Records for this task:
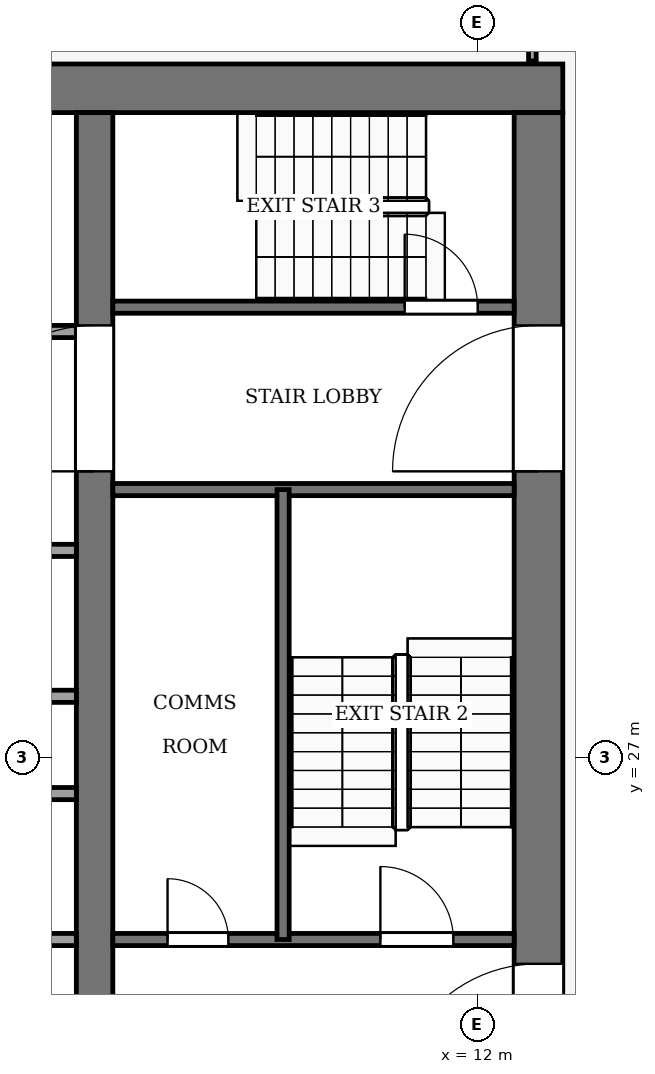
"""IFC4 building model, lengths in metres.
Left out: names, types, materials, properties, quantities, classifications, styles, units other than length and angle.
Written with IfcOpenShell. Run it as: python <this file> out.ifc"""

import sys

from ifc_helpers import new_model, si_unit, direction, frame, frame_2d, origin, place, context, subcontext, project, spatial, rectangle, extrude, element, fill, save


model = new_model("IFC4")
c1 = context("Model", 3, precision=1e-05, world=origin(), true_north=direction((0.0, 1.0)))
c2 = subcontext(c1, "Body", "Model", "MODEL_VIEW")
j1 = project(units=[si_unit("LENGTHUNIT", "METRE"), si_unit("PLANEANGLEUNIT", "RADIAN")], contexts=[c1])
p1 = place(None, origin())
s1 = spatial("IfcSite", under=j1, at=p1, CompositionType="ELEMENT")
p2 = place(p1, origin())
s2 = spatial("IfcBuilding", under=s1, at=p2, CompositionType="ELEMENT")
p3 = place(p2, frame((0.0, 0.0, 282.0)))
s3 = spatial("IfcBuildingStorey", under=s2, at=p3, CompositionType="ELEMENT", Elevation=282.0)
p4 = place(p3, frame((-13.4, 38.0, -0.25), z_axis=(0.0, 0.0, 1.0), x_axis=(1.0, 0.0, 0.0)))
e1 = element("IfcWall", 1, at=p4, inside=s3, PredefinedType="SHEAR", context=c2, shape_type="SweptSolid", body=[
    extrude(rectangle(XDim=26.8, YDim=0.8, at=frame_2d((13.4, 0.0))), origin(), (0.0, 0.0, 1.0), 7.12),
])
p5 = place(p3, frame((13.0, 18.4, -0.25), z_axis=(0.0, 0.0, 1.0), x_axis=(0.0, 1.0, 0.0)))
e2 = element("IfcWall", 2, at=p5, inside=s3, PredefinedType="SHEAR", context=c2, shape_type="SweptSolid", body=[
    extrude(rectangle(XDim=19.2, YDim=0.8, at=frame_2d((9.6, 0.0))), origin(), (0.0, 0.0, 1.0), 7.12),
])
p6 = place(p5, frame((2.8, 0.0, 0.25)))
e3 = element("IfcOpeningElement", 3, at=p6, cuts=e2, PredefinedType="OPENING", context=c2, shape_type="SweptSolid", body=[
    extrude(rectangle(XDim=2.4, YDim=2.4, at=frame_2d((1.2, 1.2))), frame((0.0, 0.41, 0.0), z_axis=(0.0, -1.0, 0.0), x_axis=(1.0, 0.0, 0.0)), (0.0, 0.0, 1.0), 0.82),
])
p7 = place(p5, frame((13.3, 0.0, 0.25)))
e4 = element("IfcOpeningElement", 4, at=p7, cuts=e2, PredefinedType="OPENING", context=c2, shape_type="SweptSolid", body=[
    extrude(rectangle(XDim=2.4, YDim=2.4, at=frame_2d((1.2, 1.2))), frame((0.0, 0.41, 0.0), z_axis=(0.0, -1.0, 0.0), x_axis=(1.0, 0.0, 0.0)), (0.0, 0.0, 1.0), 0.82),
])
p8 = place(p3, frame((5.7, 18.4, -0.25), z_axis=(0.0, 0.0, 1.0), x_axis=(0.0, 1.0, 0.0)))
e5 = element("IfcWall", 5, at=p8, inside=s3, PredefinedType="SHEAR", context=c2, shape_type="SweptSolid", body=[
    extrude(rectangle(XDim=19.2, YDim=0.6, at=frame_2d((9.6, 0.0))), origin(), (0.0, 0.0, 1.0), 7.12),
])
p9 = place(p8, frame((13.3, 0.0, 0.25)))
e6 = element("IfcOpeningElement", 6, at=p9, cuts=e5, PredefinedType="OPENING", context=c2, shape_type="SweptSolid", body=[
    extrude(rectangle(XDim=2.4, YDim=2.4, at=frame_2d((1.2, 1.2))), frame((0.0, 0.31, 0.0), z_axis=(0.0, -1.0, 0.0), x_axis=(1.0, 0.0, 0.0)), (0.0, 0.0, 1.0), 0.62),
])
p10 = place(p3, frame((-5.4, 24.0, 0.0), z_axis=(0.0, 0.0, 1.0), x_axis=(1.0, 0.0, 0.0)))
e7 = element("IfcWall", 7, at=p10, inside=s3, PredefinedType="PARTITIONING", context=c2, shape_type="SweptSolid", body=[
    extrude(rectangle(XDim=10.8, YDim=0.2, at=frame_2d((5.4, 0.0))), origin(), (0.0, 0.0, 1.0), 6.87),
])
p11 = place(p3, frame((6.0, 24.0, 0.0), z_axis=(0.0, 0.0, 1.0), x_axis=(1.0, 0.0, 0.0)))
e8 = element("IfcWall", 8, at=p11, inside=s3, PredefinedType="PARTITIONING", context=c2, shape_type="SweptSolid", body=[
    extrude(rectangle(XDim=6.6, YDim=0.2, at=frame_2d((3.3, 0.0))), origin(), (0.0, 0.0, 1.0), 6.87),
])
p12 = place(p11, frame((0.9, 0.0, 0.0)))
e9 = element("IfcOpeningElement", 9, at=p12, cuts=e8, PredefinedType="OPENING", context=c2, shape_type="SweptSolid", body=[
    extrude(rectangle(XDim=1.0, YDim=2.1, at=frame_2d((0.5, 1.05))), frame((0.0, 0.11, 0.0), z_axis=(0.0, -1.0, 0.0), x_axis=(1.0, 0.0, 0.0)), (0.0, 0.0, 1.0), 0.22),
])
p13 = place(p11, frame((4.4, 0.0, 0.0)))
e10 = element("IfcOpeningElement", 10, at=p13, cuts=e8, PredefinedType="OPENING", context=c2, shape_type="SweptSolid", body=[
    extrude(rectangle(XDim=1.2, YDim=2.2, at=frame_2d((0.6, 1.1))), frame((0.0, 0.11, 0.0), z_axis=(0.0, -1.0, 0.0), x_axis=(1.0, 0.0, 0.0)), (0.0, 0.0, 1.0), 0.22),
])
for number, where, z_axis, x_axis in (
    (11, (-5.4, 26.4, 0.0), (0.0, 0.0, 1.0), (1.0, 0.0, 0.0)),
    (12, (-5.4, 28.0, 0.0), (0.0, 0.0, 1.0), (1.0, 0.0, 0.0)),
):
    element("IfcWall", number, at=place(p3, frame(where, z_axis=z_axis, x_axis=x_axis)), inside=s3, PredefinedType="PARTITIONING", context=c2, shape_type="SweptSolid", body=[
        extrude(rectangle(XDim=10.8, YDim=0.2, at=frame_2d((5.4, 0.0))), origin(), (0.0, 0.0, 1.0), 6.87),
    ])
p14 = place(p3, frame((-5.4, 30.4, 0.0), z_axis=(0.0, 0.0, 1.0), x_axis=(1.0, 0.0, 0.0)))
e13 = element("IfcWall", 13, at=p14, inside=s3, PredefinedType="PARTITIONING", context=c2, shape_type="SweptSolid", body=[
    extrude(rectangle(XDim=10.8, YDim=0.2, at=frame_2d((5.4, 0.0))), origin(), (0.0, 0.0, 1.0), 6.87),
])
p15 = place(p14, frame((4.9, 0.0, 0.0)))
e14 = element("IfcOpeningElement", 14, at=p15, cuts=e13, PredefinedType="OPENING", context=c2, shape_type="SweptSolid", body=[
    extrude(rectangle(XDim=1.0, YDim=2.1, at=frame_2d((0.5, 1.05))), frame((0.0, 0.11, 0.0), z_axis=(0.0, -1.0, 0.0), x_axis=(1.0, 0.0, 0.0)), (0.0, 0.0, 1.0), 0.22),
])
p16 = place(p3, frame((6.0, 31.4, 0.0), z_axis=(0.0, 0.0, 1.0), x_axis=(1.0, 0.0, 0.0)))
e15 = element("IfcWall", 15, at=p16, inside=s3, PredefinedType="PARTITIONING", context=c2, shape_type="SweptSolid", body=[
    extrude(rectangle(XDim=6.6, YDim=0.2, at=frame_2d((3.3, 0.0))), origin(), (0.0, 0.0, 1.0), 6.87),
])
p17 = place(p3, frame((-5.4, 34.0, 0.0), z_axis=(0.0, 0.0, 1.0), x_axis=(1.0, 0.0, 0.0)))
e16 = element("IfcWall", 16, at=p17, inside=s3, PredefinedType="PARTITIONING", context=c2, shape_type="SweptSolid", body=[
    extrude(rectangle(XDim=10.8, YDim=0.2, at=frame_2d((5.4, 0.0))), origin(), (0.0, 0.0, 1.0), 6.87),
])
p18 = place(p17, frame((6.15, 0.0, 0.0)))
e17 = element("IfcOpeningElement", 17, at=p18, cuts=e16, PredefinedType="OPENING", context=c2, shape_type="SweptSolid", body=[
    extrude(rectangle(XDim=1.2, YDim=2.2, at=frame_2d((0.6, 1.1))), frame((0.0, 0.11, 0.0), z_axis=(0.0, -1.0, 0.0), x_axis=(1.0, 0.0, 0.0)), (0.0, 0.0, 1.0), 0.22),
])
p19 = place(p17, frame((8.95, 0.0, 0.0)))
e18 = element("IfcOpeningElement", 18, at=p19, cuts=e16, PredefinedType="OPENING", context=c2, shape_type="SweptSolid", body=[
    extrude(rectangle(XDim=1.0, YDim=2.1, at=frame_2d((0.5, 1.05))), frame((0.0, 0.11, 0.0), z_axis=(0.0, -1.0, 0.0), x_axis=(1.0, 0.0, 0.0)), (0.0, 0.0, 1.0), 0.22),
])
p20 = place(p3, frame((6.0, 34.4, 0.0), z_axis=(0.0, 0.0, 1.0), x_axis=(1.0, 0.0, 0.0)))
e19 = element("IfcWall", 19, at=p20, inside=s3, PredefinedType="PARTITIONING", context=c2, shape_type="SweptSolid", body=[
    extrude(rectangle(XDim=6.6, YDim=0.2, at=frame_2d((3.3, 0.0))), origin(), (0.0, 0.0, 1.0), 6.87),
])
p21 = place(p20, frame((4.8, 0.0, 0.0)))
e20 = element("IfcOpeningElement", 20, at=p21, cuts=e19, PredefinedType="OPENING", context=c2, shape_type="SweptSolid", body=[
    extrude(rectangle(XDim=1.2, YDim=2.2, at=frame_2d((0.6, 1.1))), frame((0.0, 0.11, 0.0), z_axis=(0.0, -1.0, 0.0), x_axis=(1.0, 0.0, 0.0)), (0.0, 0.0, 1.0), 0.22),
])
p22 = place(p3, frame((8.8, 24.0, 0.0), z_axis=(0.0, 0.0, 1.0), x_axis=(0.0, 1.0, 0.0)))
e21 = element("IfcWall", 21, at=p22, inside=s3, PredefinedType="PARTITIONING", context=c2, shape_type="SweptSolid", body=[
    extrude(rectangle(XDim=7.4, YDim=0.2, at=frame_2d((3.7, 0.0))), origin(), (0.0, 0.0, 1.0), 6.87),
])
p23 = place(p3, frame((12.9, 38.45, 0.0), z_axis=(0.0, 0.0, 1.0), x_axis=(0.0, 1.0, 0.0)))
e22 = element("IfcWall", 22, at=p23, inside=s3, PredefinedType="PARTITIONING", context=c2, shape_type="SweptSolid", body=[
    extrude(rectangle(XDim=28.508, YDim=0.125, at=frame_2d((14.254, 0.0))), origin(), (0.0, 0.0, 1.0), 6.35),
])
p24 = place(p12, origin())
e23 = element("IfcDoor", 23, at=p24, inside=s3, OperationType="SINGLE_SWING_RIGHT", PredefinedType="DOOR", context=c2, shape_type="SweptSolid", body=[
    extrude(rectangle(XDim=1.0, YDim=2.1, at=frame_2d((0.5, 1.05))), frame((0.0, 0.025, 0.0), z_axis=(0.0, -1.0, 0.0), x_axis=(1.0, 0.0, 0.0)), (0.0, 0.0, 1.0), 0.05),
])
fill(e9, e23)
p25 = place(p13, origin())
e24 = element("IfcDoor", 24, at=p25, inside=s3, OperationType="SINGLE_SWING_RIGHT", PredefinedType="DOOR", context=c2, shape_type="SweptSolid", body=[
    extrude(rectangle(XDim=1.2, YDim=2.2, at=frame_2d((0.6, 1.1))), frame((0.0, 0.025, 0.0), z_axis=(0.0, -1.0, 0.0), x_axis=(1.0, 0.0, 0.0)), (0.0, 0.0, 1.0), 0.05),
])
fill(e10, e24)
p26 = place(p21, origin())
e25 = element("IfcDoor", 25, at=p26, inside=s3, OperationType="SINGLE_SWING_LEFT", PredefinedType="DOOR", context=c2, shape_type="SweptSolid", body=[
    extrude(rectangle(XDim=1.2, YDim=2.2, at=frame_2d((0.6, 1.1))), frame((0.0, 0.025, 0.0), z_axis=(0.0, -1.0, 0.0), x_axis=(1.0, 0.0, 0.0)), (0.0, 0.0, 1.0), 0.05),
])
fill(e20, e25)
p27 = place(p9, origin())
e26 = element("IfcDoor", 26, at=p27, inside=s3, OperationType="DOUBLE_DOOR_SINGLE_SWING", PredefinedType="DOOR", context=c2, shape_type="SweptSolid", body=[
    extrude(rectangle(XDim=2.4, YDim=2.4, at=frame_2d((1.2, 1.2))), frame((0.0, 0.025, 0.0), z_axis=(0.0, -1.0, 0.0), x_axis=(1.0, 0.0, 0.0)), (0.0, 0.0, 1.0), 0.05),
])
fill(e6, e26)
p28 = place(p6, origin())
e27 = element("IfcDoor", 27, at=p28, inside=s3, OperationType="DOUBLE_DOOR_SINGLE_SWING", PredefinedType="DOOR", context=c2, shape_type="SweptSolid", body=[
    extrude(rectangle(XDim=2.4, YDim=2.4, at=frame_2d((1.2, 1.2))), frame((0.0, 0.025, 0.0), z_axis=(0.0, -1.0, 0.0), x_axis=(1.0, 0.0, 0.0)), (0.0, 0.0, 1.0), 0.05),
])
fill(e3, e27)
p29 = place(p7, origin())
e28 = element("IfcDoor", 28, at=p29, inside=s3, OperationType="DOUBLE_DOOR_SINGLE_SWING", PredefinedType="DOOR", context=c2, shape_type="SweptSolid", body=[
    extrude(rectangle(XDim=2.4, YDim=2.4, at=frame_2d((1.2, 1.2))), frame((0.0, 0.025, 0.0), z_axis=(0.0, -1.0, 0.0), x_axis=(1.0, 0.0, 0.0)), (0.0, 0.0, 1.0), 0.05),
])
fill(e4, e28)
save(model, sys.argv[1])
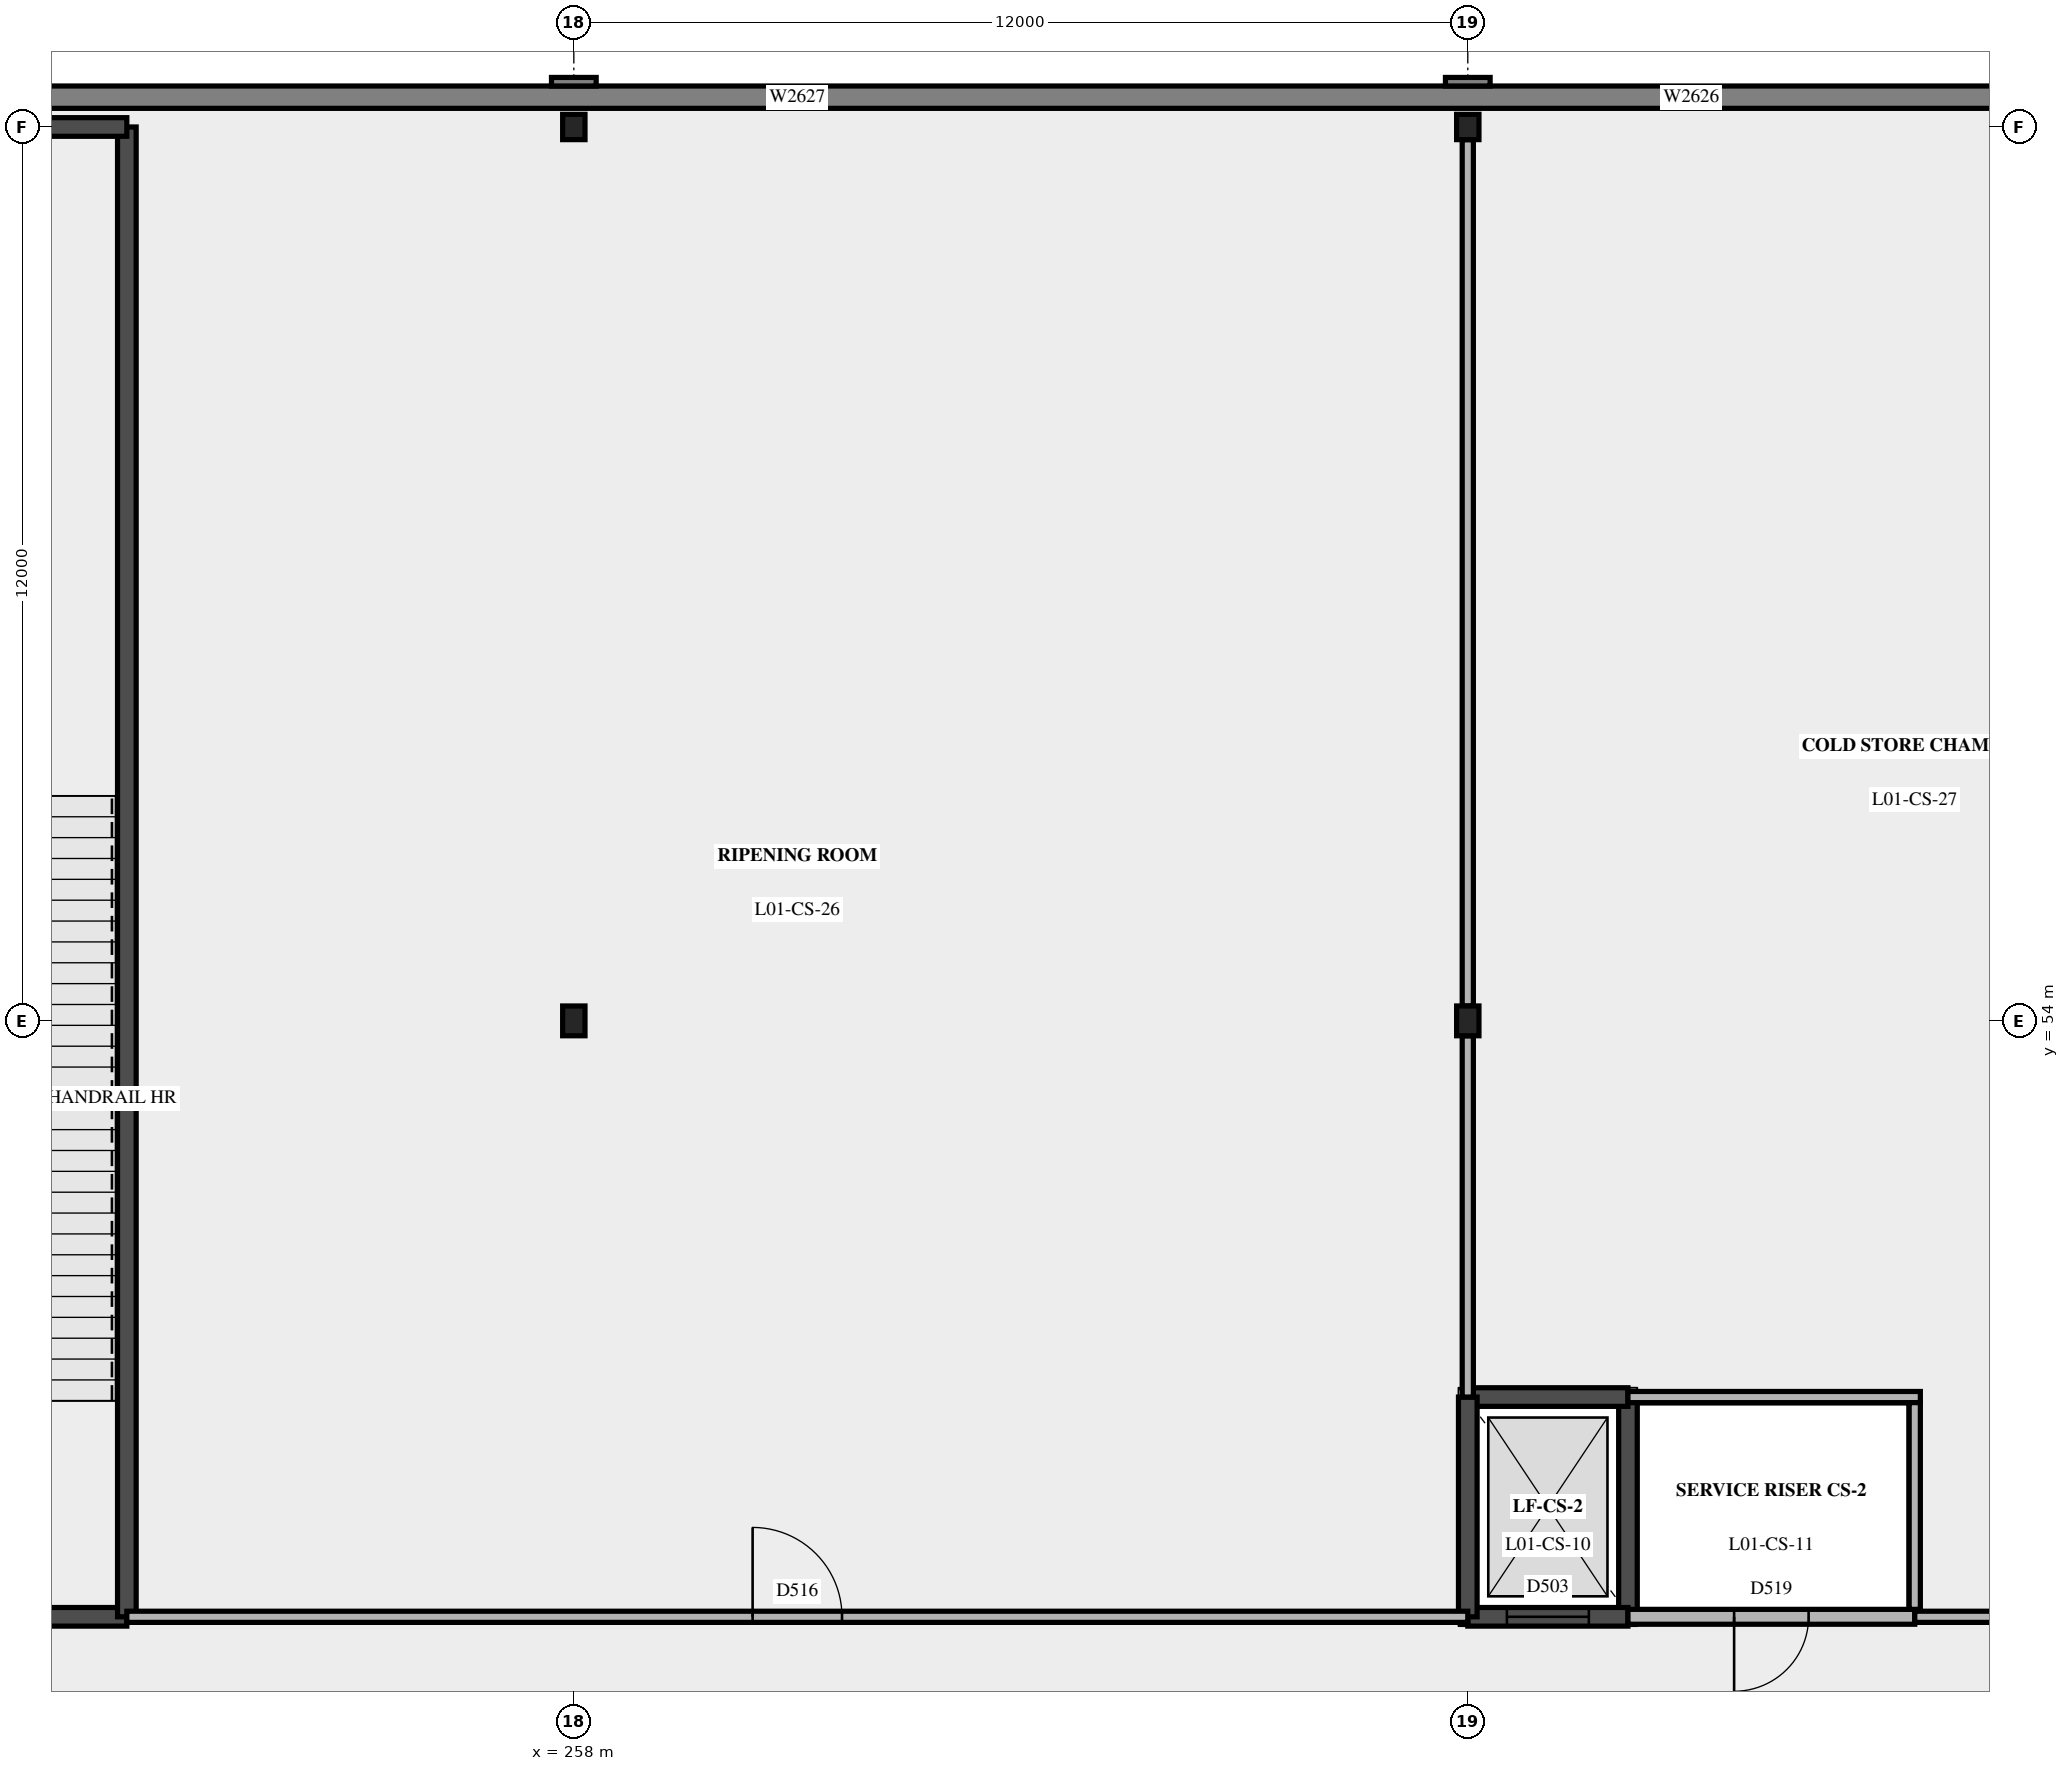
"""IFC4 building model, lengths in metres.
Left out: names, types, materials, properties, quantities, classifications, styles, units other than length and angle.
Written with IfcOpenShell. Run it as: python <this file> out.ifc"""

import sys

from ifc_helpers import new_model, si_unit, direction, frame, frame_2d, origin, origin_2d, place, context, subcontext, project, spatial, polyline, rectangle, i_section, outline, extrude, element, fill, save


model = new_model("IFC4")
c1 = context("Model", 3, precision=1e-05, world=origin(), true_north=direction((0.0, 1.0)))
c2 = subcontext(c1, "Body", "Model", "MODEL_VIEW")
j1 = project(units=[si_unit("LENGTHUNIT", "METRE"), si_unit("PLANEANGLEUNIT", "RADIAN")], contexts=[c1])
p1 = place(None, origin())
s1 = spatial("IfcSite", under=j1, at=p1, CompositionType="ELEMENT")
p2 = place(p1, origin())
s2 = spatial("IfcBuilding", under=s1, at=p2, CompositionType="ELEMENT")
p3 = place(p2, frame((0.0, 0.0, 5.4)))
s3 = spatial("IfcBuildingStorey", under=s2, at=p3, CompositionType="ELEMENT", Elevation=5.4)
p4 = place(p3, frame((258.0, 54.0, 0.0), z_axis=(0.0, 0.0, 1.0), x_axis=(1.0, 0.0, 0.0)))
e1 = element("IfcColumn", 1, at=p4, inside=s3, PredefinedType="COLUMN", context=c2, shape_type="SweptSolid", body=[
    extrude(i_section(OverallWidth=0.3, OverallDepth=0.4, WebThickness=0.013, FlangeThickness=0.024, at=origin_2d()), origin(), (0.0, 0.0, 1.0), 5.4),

Assignment: Within the records above, each line containing "where" is to be returned.

Answer below:
for number, where, z_axis, x_axis in (
    element("IfcWall", number, at=place(p3, frame(where, z_axis=z_axis, x_axis=x_axis)), inside=s3, PredefinedType="PARTITIONING", context=c2, shape_type="SweptSolid", body=[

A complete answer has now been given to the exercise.